** THE PROBLEM **
Look through the entries for the string "project" and copy every line where it shows up.

** DATA PROVIDED **

********************

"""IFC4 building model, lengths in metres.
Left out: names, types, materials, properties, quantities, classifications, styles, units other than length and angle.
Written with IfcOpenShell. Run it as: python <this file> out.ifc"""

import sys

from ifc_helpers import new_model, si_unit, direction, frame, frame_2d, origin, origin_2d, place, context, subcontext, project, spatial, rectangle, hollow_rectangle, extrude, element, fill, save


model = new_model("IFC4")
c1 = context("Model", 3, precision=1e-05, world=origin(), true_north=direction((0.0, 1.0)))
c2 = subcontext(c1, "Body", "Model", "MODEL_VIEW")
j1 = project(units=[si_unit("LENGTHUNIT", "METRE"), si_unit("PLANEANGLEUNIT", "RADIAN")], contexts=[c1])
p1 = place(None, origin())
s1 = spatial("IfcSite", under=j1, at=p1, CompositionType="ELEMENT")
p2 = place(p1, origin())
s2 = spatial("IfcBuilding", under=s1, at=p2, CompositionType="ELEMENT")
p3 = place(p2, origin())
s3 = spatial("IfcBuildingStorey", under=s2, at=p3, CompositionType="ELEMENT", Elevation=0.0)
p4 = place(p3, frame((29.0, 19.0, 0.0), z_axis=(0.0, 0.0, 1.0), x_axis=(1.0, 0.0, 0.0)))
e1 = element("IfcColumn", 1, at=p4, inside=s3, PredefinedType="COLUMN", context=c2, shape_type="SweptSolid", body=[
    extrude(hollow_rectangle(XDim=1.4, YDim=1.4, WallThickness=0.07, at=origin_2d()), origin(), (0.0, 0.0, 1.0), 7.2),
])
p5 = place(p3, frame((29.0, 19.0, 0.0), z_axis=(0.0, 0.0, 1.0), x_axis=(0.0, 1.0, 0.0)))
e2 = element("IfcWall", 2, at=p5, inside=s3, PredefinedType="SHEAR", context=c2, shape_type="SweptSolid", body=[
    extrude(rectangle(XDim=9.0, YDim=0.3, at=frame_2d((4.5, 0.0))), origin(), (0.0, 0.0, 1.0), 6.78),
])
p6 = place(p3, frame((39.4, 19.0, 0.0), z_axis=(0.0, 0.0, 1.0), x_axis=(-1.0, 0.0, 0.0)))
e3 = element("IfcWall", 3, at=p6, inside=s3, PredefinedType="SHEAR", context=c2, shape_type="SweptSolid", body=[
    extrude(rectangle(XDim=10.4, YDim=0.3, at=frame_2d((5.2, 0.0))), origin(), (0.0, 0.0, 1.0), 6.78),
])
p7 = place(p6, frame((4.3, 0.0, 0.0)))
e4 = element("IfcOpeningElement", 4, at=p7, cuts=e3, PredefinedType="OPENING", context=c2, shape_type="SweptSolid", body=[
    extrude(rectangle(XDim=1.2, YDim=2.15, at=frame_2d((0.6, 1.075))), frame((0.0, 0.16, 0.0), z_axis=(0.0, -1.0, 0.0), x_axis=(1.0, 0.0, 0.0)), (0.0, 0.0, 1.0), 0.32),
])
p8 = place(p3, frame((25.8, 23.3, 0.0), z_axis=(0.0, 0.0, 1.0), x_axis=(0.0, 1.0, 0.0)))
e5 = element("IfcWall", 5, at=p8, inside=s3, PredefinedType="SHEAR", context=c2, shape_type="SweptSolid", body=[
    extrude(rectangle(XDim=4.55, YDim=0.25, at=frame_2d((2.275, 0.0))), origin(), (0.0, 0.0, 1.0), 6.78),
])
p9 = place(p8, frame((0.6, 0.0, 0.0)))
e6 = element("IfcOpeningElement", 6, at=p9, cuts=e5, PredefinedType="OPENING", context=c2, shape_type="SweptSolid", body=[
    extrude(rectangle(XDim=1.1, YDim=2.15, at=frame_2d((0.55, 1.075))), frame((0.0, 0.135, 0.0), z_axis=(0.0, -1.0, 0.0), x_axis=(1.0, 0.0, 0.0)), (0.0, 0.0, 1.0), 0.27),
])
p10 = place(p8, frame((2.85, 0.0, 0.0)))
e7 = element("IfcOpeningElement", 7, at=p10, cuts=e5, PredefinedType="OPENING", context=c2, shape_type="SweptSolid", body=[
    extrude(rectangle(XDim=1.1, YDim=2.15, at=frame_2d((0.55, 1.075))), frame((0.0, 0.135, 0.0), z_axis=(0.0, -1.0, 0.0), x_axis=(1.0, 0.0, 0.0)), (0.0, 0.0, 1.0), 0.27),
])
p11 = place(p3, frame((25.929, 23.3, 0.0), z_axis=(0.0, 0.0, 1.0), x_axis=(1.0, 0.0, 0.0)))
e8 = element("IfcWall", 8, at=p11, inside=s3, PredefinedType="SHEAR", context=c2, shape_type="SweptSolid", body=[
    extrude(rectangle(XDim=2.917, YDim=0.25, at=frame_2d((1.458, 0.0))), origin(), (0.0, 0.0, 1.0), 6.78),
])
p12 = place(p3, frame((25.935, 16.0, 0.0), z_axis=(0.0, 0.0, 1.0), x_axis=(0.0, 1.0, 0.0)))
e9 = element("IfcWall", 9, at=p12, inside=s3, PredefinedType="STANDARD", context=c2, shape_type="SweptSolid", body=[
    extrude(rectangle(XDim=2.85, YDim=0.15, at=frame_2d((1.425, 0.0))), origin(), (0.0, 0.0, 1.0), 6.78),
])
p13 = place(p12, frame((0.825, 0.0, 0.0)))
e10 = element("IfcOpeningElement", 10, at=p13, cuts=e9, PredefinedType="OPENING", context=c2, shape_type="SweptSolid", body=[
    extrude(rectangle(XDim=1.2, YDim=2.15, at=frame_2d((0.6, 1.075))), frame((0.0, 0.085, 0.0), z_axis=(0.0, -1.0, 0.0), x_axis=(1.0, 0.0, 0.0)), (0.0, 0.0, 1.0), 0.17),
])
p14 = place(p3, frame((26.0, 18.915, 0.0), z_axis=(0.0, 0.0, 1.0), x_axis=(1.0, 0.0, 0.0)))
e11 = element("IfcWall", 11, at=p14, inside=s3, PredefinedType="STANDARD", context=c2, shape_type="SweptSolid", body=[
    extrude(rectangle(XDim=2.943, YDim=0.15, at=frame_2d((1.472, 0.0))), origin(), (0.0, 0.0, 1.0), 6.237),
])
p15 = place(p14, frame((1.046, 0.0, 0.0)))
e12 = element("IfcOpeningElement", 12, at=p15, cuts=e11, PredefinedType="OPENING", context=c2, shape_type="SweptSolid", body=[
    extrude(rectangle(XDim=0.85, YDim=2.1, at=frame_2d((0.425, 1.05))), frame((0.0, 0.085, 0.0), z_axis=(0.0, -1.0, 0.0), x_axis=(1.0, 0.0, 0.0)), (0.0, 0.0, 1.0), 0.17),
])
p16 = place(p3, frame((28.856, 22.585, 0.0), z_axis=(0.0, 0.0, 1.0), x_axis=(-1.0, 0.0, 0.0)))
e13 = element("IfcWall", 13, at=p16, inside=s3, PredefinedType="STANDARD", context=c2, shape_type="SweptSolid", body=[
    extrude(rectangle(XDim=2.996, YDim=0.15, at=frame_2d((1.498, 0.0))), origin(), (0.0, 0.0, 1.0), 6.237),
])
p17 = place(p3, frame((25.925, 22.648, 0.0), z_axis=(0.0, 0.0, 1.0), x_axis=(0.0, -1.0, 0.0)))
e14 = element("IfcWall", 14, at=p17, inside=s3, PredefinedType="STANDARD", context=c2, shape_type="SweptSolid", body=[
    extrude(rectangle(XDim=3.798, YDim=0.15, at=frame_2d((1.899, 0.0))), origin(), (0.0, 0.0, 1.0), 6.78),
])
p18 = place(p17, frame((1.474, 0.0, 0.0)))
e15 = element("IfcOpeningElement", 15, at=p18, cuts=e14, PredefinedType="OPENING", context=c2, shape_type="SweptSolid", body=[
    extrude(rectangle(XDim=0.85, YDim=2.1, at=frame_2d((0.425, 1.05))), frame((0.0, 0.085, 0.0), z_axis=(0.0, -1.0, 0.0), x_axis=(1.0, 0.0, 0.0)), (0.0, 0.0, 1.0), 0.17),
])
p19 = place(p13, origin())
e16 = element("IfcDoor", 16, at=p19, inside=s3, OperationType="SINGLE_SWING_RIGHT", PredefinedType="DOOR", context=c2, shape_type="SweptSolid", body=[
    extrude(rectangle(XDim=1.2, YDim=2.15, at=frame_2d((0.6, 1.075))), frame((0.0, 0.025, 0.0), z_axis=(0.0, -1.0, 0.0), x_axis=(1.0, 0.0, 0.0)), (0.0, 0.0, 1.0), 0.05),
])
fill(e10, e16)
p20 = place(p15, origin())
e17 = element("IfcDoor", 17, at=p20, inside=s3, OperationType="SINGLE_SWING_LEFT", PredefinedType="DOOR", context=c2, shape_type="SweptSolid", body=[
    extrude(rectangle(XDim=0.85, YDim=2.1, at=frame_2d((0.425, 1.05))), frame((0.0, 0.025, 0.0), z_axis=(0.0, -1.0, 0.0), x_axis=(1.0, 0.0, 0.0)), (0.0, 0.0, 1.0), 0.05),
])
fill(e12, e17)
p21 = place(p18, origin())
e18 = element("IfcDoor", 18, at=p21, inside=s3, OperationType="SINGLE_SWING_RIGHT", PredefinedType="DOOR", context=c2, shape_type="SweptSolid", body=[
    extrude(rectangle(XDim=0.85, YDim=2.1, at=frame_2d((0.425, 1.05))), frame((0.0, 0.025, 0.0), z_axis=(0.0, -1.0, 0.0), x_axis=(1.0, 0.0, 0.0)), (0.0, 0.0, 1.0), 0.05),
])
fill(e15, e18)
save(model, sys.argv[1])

********************

** SOLVED PROBLEM **
from ifc_helpers import new_model, si_unit, direction, frame, frame_2d, origin, origin_2d, place, context, subcontext, project, spatial, rectangle, hollow_rectangle, extrude, element, fill, save
j1 = project(units=[si_unit("LENGTHUNIT", "METRE"), si_unit("PLANEANGLEUNIT", "RADIAN")], contexts=[c1])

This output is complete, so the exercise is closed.